§ EXERCISE PROMPT
Each record that follows goes into your reply unchanged; the pictures do not.

[Extracted records]
--- START ---
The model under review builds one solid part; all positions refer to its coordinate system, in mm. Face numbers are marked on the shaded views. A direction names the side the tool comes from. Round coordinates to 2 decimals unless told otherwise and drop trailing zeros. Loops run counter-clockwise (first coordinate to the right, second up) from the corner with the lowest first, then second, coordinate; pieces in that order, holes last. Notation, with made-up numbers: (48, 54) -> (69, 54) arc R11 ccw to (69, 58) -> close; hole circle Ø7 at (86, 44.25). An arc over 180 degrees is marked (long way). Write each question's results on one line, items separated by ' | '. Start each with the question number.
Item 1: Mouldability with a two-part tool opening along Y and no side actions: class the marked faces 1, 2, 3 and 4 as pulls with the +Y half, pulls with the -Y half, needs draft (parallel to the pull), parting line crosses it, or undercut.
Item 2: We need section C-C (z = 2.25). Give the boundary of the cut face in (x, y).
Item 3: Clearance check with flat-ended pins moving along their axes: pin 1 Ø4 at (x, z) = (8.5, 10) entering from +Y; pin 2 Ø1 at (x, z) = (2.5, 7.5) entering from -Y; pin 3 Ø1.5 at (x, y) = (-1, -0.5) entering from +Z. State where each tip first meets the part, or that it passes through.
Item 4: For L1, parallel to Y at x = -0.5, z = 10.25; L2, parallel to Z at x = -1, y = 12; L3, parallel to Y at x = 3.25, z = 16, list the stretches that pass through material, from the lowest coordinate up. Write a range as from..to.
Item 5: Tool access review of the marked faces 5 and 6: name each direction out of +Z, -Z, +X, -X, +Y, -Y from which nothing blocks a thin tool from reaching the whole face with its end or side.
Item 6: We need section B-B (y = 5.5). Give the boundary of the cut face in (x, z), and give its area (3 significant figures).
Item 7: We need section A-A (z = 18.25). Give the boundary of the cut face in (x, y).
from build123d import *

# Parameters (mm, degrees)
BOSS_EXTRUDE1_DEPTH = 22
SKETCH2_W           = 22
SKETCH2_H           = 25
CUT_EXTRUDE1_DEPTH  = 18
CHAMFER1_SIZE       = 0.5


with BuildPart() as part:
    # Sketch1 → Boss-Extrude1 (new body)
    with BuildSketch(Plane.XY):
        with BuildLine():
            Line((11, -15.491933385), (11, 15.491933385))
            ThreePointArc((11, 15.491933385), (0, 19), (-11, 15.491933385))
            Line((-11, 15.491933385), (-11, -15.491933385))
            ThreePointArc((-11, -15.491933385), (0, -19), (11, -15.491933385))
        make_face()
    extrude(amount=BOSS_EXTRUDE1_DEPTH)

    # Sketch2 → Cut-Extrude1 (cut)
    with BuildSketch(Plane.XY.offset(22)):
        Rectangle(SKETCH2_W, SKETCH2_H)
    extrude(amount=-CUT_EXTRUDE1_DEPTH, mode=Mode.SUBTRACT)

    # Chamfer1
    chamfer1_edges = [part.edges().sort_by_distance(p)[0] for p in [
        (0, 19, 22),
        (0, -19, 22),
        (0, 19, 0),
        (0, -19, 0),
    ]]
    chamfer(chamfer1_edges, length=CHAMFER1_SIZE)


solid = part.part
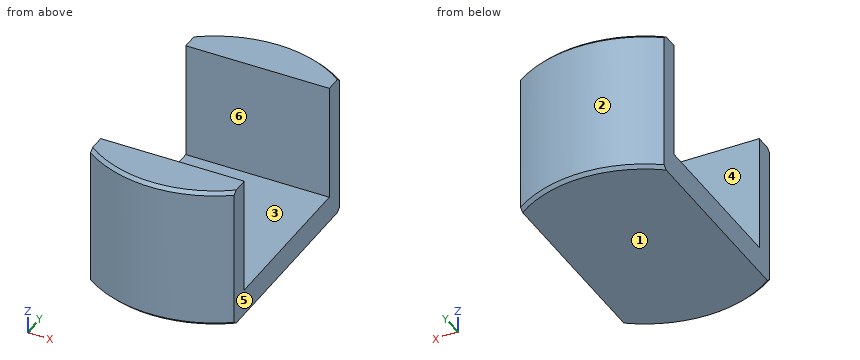
Here are the results:
1) face 1: needs draft | face 2: pulls with the +Y half | face 3: undercut | face 4: undercut
2) outline: (-11, -15.49) arc R19 ccw to (11, -15.49) -> (11, 15.49) arc R19 ccw to (-11, 15.49) -> close
3) pin 1: stops at y = 17.85 | pin 2: stops at y = -18.89 | pin 3: stops at z = 4
4) L1: y = -18.99..-12.5, 12.5..18.99 | L2: z = 0..4 | L3: y = -18.72..-12.5, 12.5..18.72
5) face 5: +Z, -Z, +X, +Y, -Y | face 6: +Z, +X, -X
6) outline: (-11, 0) -> (11, 0) -> (11, 4) -> (-11, 4) -> close | area: 88.0 mm2
7) outline: (-11, -15.49) arc R19 ccw to (11, -15.49) -> (11, -12.5) -> (-11, -12.5) -> close; (-11, 12.5) -> (11, 12.5) -> (11, 15.49) arc R19 ccw to (-11, 15.49) -> close
--- END ---
§ ANSWER TO THE EXERCISE
The model under review builds one solid part; all positions refer to its coordinate system, in mm. Face numbers are marked on the shaded views. A direction names the side the tool comes from. Round coordinates to 2 decimals unless told otherwise and drop trailing zeros. Loops run counter-clockwise (first coordinate to the right, second up) from the corner with the lowest first, then second, coordinate; pieces in that order, holes last. Notation, with made-up numbers: (48, 54) -> (69, 54) arc R11 ccw to (69, 58) -> close; hole circle Ø7 at (86, 44.25). An arc over 180 degrees is marked (long way). Write each question's results on one line, items separated by ' | '. Start each with the question number.
Item 1: Mouldability with a two-part tool opening along Y and no side actions: class the marked faces 1, 2, 3 and 4 as pulls with the +Y half, pulls with the -Y half, needs draft (parallel to the pull), parting line crosses it, or undercut.
Item 2: We need section C-C (z = 2.25). Give the boundary of the cut face in (x, y).
Item 3: Clearance check with flat-ended pins moving along their axes: pin 1 Ø4 at (x, z) = (8.5, 10) entering from +Y; pin 2 Ø1 at (x, z) = (2.5, 7.5) entering from -Y; pin 3 Ø1.5 at (x, y) = (-1, -0.5) entering from +Z. State where each tip first meets the part, or that it passes through.
Item 4: For L1, parallel to Y at x = -0.5, z = 10.25; L2, parallel to Z at x = -1, y = 12; L3, parallel to Y at x = 3.25, z = 16, list the stretches that pass through material, from the lowest coordinate up. Write a range as from..to.
Item 5: Tool access review of the marked faces 5 and 6: name each direction out of +Z, -Z, +X, -X, +Y, -Y from which nothing blocks a thin tool from reaching the whole face with its end or side.
Item 6: We need section B-B (y = 5.5). Give the boundary of the cut face in (x, z), and give its area (3 significant figures).
Item 7: We need section A-A (z = 18.25). Give the boundary of the cut face in (x, y).
from build123d import *

# Parameters (mm, degrees)
BOSS_EXTRUDE1_DEPTH = 22
SKETCH2_W           = 22
SKETCH2_H           = 25
CUT_EXTRUDE1_DEPTH  = 18
CHAMFER1_SIZE       = 0.5


with BuildPart() as part:
    # Sketch1 → Boss-Extrude1 (new body)
    with BuildSketch(Plane.XY):
        with BuildLine():
            Line((11, -15.491933385), (11, 15.491933385))
            ThreePointArc((11, 15.491933385), (0, 19), (-11, 15.491933385))
            Line((-11, 15.491933385), (-11, -15.491933385))
            ThreePointArc((-11, -15.491933385), (0, -19), (11, -15.491933385))
        make_face()
    extrude(amount=BOSS_EXTRUDE1_DEPTH)

    # Sketch2 → Cut-Extrude1 (cut)
    with BuildSketch(Plane.XY.offset(22)):
        Rectangle(SKETCH2_W, SKETCH2_H)
    extrude(amount=-CUT_EXTRUDE1_DEPTH, mode=Mode.SUBTRACT)

    # Chamfer1
    chamfer1_edges = [part.edges().sort_by_distance(p)[0] for p in [
        (0, 19, 22),
        (0, -19, 22),
        (0, 19, 0),
        (0, -19, 0),
    ]]
    chamfer(chamfer1_edges, length=CHAMFER1_SIZE)


solid = part.part
Here are the results:
1) face 1: needs draft | face 2: pulls with the +Y half | face 3: undercut | face 4: undercut
2) outline: (-11, -15.49) arc R19 ccw to (11, -15.49) -> (11, 15.49) arc R19 ccw to (-11, 15.49) -> close
3) pin 1: stops at y = 17.85 | pin 2: stops at y = -18.89 | pin 3: stops at z = 4
4) L1: y = -18.99..-12.5, 12.5..18.99 | L2: z = 0..4 | L3: y = -18.72..-12.5, 12.5..18.72
5) face 5: +Z, -Z, +X, +Y, -Y | face 6: +Z, +X, -X
6) outline: (-11, 0) -> (11, 0) -> (11, 4) -> (-11, 4) -> close | area: 88.0 mm2
7) outline: (-11, -15.49) arc R19 ccw to (11, -15.49) -> (11, -12.5) -> (-11, -12.5) -> close; (-11, 12.5) -> (11, 12.5) -> (11, 15.49) arc R19 ccw to (-11, 15.49) -> close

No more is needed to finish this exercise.